▶ LISTED RECORDS
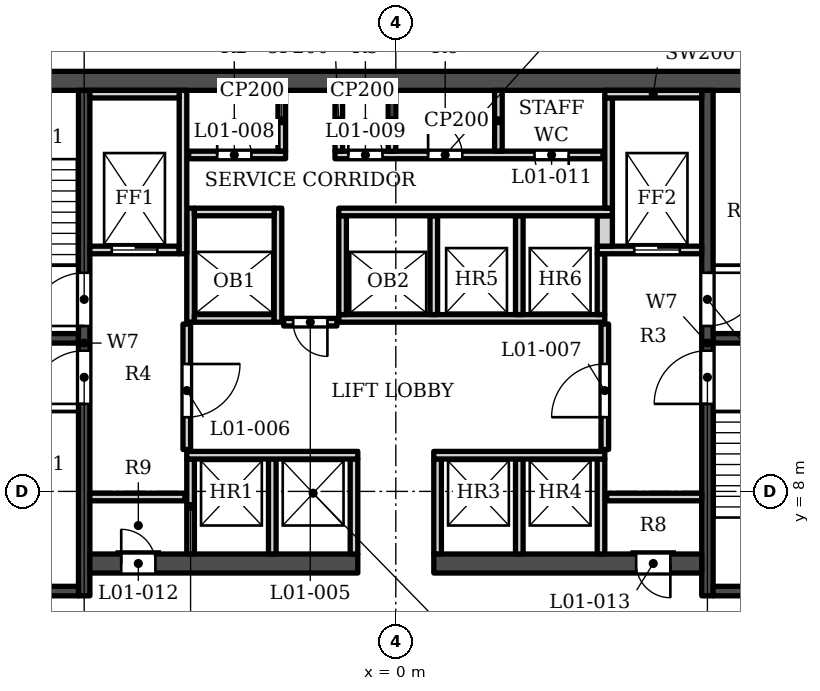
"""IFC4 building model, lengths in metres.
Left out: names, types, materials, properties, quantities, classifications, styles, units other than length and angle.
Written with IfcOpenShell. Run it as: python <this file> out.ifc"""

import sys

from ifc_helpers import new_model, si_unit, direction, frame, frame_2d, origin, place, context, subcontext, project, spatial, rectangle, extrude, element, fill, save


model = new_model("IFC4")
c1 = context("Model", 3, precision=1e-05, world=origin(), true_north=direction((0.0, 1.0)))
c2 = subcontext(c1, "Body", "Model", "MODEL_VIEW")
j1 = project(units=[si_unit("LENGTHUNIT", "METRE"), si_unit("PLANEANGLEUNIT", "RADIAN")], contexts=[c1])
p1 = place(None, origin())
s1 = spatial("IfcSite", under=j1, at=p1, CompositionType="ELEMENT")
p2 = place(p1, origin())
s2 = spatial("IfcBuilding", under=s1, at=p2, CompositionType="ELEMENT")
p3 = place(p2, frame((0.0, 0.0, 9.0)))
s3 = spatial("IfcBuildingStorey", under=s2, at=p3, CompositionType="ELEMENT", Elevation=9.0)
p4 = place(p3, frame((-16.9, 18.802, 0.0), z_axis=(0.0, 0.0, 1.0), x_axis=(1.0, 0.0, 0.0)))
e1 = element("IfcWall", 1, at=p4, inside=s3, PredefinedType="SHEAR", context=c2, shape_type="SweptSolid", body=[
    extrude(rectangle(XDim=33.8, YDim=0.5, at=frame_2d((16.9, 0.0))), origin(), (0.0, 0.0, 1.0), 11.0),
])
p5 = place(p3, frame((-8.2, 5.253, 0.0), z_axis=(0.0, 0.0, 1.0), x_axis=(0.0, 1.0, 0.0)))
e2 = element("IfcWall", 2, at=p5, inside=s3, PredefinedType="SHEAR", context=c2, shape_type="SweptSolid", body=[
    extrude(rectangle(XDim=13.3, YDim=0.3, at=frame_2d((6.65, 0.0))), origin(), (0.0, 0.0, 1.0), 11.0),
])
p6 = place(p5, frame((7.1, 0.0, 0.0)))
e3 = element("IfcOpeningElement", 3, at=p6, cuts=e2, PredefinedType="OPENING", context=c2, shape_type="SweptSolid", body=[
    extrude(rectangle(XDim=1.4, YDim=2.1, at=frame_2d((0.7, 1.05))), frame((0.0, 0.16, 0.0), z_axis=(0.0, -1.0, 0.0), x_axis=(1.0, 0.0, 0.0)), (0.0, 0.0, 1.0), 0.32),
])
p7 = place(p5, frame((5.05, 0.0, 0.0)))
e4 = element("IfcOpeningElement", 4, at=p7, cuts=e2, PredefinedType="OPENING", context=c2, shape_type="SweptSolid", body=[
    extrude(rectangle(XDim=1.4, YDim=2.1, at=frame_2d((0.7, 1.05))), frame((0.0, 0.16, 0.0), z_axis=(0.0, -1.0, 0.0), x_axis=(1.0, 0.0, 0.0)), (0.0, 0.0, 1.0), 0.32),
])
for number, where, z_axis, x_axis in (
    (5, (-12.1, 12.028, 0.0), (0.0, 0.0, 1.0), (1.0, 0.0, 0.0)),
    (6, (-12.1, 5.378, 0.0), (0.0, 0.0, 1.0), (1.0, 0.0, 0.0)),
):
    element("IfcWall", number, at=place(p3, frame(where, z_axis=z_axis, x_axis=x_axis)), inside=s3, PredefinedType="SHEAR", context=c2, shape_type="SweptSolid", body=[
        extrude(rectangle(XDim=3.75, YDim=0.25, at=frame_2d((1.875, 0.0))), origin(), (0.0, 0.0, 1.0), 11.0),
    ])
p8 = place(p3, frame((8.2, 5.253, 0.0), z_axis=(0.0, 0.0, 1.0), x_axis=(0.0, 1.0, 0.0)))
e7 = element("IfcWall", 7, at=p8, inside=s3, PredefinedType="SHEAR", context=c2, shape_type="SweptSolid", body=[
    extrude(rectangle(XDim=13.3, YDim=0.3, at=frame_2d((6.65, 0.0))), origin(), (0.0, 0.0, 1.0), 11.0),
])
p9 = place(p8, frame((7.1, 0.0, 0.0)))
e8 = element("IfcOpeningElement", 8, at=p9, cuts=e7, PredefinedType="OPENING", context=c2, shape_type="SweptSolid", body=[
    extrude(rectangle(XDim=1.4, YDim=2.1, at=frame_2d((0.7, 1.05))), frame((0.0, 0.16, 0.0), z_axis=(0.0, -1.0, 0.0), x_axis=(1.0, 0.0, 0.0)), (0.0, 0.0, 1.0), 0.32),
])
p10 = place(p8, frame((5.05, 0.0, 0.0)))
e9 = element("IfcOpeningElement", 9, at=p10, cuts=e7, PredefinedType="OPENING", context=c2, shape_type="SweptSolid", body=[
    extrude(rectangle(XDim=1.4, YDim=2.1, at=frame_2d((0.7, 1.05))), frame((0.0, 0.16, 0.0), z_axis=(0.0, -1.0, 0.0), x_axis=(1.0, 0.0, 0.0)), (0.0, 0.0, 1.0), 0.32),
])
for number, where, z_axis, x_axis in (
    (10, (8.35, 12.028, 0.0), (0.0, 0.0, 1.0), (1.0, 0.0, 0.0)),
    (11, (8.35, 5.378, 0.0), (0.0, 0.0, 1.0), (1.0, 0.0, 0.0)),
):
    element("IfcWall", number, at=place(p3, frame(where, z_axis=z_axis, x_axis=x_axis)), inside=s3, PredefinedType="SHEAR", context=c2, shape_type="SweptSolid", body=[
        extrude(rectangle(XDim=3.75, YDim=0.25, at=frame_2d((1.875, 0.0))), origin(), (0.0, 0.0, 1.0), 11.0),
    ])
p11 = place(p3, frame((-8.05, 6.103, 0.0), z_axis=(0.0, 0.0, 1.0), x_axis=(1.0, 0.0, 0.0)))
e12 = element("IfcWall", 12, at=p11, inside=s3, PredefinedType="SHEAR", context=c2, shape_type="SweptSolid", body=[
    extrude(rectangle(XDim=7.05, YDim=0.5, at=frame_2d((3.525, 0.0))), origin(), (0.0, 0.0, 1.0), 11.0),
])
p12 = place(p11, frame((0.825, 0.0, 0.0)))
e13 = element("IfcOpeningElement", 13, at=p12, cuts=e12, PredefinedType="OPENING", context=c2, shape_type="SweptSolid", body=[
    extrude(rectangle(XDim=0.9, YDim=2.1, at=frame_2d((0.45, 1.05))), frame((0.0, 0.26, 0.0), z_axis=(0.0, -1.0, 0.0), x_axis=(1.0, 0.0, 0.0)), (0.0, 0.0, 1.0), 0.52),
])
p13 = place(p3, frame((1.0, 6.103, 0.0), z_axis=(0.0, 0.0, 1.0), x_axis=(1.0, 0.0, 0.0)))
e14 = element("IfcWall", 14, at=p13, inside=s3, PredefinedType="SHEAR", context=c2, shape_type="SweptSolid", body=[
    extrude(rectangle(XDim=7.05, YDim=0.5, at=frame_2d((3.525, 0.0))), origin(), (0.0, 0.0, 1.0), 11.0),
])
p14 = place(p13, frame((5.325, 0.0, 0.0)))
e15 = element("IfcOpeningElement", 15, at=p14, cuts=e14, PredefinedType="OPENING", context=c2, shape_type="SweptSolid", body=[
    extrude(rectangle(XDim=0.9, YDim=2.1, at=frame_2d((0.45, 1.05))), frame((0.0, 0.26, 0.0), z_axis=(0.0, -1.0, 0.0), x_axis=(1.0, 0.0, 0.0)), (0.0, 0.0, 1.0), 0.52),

▶ YOUR TASK
Please set down the records above verbatim, with each picture left out.

▶ ANSWER TO THE EXERCISE
"""IFC4 building model, lengths in metres.
Left out: names, types, materials, properties, quantities, classifications, styles, units other than length and angle.
Written with IfcOpenShell. Run it as: python <this file> out.ifc"""

import sys

from ifc_helpers import new_model, si_unit, direction, frame, frame_2d, origin, place, context, subcontext, project, spatial, rectangle, extrude, element, fill, save


model = new_model("IFC4")
c1 = context("Model", 3, precision=1e-05, world=origin(), true_north=direction((0.0, 1.0)))
c2 = subcontext(c1, "Body", "Model", "MODEL_VIEW")
j1 = project(units=[si_unit("LENGTHUNIT", "METRE"), si_unit("PLANEANGLEUNIT", "RADIAN")], contexts=[c1])
p1 = place(None, origin())
s1 = spatial("IfcSite", under=j1, at=p1, CompositionType="ELEMENT")
p2 = place(p1, origin())
s2 = spatial("IfcBuilding", under=s1, at=p2, CompositionType="ELEMENT")
p3 = place(p2, frame((0.0, 0.0, 9.0)))
s3 = spatial("IfcBuildingStorey", under=s2, at=p3, CompositionType="ELEMENT", Elevation=9.0)
p4 = place(p3, frame((-16.9, 18.802, 0.0), z_axis=(0.0, 0.0, 1.0), x_axis=(1.0, 0.0, 0.0)))
e1 = element("IfcWall", 1, at=p4, inside=s3, PredefinedType="SHEAR", context=c2, shape_type="SweptSolid", body=[
    extrude(rectangle(XDim=33.8, YDim=0.5, at=frame_2d((16.9, 0.0))), origin(), (0.0, 0.0, 1.0), 11.0),
])
p5 = place(p3, frame((-8.2, 5.253, 0.0), z_axis=(0.0, 0.0, 1.0), x_axis=(0.0, 1.0, 0.0)))
e2 = element("IfcWall", 2, at=p5, inside=s3, PredefinedType="SHEAR", context=c2, shape_type="SweptSolid", body=[
    extrude(rectangle(XDim=13.3, YDim=0.3, at=frame_2d((6.65, 0.0))), origin(), (0.0, 0.0, 1.0), 11.0),
])
p6 = place(p5, frame((7.1, 0.0, 0.0)))
e3 = element("IfcOpeningElement", 3, at=p6, cuts=e2, PredefinedType="OPENING", context=c2, shape_type="SweptSolid", body=[
    extrude(rectangle(XDim=1.4, YDim=2.1, at=frame_2d((0.7, 1.05))), frame((0.0, 0.16, 0.0), z_axis=(0.0, -1.0, 0.0), x_axis=(1.0, 0.0, 0.0)), (0.0, 0.0, 1.0), 0.32),
])
p7 = place(p5, frame((5.05, 0.0, 0.0)))
e4 = element("IfcOpeningElement", 4, at=p7, cuts=e2, PredefinedType="OPENING", context=c2, shape_type="SweptSolid", body=[
    extrude(rectangle(XDim=1.4, YDim=2.1, at=frame_2d((0.7, 1.05))), frame((0.0, 0.16, 0.0), z_axis=(0.0, -1.0, 0.0), x_axis=(1.0, 0.0, 0.0)), (0.0, 0.0, 1.0), 0.32),
])
for number, where, z_axis, x_axis in (
    (5, (-12.1, 12.028, 0.0), (0.0, 0.0, 1.0), (1.0, 0.0, 0.0)),
    (6, (-12.1, 5.378, 0.0), (0.0, 0.0, 1.0), (1.0, 0.0, 0.0)),
):
    element("IfcWall", number, at=place(p3, frame(where, z_axis=z_axis, x_axis=x_axis)), inside=s3, PredefinedType="SHEAR", context=c2, shape_type="SweptSolid", body=[
        extrude(rectangle(XDim=3.75, YDim=0.25, at=frame_2d((1.875, 0.0))), origin(), (0.0, 0.0, 1.0), 11.0),
    ])
p8 = place(p3, frame((8.2, 5.253, 0.0), z_axis=(0.0, 0.0, 1.0), x_axis=(0.0, 1.0, 0.0)))
e7 = element("IfcWall", 7, at=p8, inside=s3, PredefinedType="SHEAR", context=c2, shape_type="SweptSolid", body=[
    extrude(rectangle(XDim=13.3, YDim=0.3, at=frame_2d((6.65, 0.0))), origin(), (0.0, 0.0, 1.0), 11.0),
])
p9 = place(p8, frame((7.1, 0.0, 0.0)))
e8 = element("IfcOpeningElement", 8, at=p9, cuts=e7, PredefinedType="OPENING", context=c2, shape_type="SweptSolid", body=[
    extrude(rectangle(XDim=1.4, YDim=2.1, at=frame_2d((0.7, 1.05))), frame((0.0, 0.16, 0.0), z_axis=(0.0, -1.0, 0.0), x_axis=(1.0, 0.0, 0.0)), (0.0, 0.0, 1.0), 0.32),
])
p10 = place(p8, frame((5.05, 0.0, 0.0)))
e9 = element("IfcOpeningElement", 9, at=p10, cuts=e7, PredefinedType="OPENING", context=c2, shape_type="SweptSolid", body=[
    extrude(rectangle(XDim=1.4, YDim=2.1, at=frame_2d((0.7, 1.05))), frame((0.0, 0.16, 0.0), z_axis=(0.0, -1.0, 0.0), x_axis=(1.0, 0.0, 0.0)), (0.0, 0.0, 1.0), 0.32),
])
for number, where, z_axis, x_axis in (
    (10, (8.35, 12.028, 0.0), (0.0, 0.0, 1.0), (1.0, 0.0, 0.0)),
    (11, (8.35, 5.378, 0.0), (0.0, 0.0, 1.0), (1.0, 0.0, 0.0)),
):
    element("IfcWall", number, at=place(p3, frame(where, z_axis=z_axis, x_axis=x_axis)), inside=s3, PredefinedType="SHEAR", context=c2, shape_type="SweptSolid", body=[
        extrude(rectangle(XDim=3.75, YDim=0.25, at=frame_2d((1.875, 0.0))), origin(), (0.0, 0.0, 1.0), 11.0),
    ])
p11 = place(p3, frame((-8.05, 6.103, 0.0), z_axis=(0.0, 0.0, 1.0), x_axis=(1.0, 0.0, 0.0)))
e12 = element("IfcWall", 12, at=p11, inside=s3, PredefinedType="SHEAR", context=c2, shape_type="SweptSolid", body=[
    extrude(rectangle(XDim=7.05, YDim=0.5, at=frame_2d((3.525, 0.0))), origin(), (0.0, 0.0, 1.0), 11.0),
])
p12 = place(p11, frame((0.825, 0.0, 0.0)))
e13 = element("IfcOpeningElement", 13, at=p12, cuts=e12, PredefinedType="OPENING", context=c2, shape_type="SweptSolid", body=[
    extrude(rectangle(XDim=0.9, YDim=2.1, at=frame_2d((0.45, 1.05))), frame((0.0, 0.26, 0.0), z_axis=(0.0, -1.0, 0.0), x_axis=(1.0, 0.0, 0.0)), (0.0, 0.0, 1.0), 0.52),
])
p13 = place(p3, frame((1.0, 6.103, 0.0), z_axis=(0.0, 0.0, 1.0), x_axis=(1.0, 0.0, 0.0)))
e14 = element("IfcWall", 14, at=p13, inside=s3, PredefinedType="SHEAR", context=c2, shape_type="SweptSolid", body=[
    extrude(rectangle(XDim=7.05, YDim=0.5, at=frame_2d((3.525, 0.0))), origin(), (0.0, 0.0, 1.0), 11.0),
])
p14 = place(p13, frame((5.325, 0.0, 0.0)))
e15 = element("IfcOpeningElement", 15, at=p14, cuts=e14, PredefinedType="OPENING", context=c2, shape_type="SweptSolid", body=[
    extrude(rectangle(XDim=0.9, YDim=2.1, at=frame_2d((0.45, 1.05))), frame((0.0, 0.26, 0.0), z_axis=(0.0, -1.0, 0.0), x_axis=(1.0, 0.0, 0.0)), (0.0, 0.0, 1.0), 0.52),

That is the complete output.